Segment Start: Available records
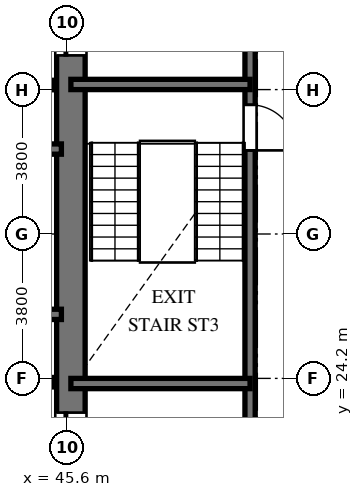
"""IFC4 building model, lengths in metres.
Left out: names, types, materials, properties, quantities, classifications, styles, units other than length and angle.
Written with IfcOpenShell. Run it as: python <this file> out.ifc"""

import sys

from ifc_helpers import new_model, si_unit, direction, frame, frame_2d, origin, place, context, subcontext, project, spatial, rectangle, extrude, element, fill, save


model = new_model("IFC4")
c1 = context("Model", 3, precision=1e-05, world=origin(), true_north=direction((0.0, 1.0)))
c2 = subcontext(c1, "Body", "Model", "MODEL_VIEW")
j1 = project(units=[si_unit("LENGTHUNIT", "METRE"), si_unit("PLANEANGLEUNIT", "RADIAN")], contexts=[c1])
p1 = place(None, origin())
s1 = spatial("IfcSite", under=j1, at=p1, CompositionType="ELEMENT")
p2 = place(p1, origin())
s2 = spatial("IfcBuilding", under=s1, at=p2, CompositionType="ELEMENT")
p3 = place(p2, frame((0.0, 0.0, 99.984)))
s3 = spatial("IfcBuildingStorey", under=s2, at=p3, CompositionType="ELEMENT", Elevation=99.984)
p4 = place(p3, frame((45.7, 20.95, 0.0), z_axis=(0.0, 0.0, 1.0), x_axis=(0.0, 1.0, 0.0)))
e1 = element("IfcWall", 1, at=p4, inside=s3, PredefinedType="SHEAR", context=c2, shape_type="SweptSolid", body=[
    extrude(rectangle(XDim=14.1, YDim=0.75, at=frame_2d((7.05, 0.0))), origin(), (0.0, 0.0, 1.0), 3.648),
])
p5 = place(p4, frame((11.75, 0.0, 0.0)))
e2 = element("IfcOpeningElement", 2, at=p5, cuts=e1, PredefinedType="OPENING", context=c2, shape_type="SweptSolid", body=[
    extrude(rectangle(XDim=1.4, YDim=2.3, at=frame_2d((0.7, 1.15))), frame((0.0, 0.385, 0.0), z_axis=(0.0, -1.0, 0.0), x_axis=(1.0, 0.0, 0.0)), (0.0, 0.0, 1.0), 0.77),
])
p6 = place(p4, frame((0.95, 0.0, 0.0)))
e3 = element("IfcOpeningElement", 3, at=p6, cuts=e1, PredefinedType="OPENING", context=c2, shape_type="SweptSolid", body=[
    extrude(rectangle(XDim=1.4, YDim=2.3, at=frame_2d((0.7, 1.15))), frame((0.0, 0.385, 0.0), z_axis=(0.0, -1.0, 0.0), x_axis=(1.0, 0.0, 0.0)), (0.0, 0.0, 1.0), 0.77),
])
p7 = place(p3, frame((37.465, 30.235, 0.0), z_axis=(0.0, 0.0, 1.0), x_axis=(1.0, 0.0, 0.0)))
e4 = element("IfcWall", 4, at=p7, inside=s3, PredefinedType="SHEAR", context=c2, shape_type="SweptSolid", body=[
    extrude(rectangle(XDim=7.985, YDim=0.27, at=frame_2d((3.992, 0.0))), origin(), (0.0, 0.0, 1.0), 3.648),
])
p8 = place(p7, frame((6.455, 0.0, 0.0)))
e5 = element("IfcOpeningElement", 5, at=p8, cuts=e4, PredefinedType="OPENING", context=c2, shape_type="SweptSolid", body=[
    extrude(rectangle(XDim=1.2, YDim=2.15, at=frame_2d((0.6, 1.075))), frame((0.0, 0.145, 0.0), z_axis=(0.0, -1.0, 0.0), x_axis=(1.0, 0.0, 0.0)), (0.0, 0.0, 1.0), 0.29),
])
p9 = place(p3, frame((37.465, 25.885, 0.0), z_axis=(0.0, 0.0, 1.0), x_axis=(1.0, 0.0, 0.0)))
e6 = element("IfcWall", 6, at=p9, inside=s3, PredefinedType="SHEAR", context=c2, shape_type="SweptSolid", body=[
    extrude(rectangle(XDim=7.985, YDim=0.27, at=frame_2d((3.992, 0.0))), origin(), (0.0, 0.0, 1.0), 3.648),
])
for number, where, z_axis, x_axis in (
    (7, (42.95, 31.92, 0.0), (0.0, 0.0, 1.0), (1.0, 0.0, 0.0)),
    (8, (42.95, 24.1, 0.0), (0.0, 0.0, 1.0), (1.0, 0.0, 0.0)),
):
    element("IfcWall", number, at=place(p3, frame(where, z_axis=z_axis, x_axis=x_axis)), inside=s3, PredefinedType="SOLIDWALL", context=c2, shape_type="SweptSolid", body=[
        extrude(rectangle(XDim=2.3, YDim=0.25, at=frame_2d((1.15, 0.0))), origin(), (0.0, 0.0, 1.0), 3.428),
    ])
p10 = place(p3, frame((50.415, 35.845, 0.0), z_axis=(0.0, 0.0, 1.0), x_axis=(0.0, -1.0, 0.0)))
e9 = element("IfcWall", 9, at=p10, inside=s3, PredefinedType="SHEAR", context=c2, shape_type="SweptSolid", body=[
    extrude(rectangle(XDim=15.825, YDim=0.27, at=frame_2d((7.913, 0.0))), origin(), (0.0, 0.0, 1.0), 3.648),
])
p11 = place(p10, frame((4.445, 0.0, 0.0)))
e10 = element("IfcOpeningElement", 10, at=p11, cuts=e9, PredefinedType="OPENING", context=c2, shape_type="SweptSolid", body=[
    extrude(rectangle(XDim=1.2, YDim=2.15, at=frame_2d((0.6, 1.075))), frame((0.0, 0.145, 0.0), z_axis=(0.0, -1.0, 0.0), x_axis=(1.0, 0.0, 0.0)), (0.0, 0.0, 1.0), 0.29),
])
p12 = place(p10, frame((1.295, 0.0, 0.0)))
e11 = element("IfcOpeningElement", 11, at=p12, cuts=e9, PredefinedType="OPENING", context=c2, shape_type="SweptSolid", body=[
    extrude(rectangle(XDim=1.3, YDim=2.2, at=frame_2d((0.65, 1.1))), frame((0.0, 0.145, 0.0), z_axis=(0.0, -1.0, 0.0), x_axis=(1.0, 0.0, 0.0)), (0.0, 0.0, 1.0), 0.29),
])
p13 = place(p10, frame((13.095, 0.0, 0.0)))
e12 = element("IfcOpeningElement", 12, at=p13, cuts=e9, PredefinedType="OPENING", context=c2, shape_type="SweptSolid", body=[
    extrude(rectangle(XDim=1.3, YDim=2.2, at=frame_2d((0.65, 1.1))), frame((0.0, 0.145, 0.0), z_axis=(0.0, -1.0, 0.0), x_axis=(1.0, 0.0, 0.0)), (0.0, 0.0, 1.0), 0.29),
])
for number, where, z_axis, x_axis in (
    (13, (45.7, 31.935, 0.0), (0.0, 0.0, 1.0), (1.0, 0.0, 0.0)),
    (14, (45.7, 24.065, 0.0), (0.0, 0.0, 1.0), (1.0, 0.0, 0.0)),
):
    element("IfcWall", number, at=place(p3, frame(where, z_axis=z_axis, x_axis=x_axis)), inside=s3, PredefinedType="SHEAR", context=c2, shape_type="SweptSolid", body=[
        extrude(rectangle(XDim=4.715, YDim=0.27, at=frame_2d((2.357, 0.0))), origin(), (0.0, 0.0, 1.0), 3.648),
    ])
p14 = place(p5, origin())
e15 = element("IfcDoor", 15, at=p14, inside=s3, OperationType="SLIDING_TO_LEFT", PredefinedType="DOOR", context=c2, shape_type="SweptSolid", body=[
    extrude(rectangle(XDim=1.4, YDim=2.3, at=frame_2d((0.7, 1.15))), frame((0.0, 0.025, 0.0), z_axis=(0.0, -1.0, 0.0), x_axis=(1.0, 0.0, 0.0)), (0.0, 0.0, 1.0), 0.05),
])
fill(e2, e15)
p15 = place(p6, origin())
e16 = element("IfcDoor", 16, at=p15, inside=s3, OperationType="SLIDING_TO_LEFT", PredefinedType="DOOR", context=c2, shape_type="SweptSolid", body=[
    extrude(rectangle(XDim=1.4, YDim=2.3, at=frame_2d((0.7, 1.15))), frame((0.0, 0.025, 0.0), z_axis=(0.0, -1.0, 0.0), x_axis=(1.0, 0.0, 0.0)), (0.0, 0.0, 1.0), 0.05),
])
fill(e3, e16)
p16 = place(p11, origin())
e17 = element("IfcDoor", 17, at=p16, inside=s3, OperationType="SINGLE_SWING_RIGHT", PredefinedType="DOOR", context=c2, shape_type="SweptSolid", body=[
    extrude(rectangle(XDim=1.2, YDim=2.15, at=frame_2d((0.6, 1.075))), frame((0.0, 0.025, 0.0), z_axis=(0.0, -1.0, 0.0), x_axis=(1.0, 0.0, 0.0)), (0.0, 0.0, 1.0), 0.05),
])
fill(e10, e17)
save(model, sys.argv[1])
Segment End: Available records
- _Required action_:
Return, from the material above, each line holding the string "under".

- _Output below_:
s1 = spatial("IfcSite", under=j1, at=p1, CompositionType="ELEMENT")
s2 = spatial("IfcBuilding", under=s1, at=p2, CompositionType="ELEMENT")
s3 = spatial("IfcBuildingStorey", under=s2, at=p3, CompositionType="ELEMENT", Elevation=99.984)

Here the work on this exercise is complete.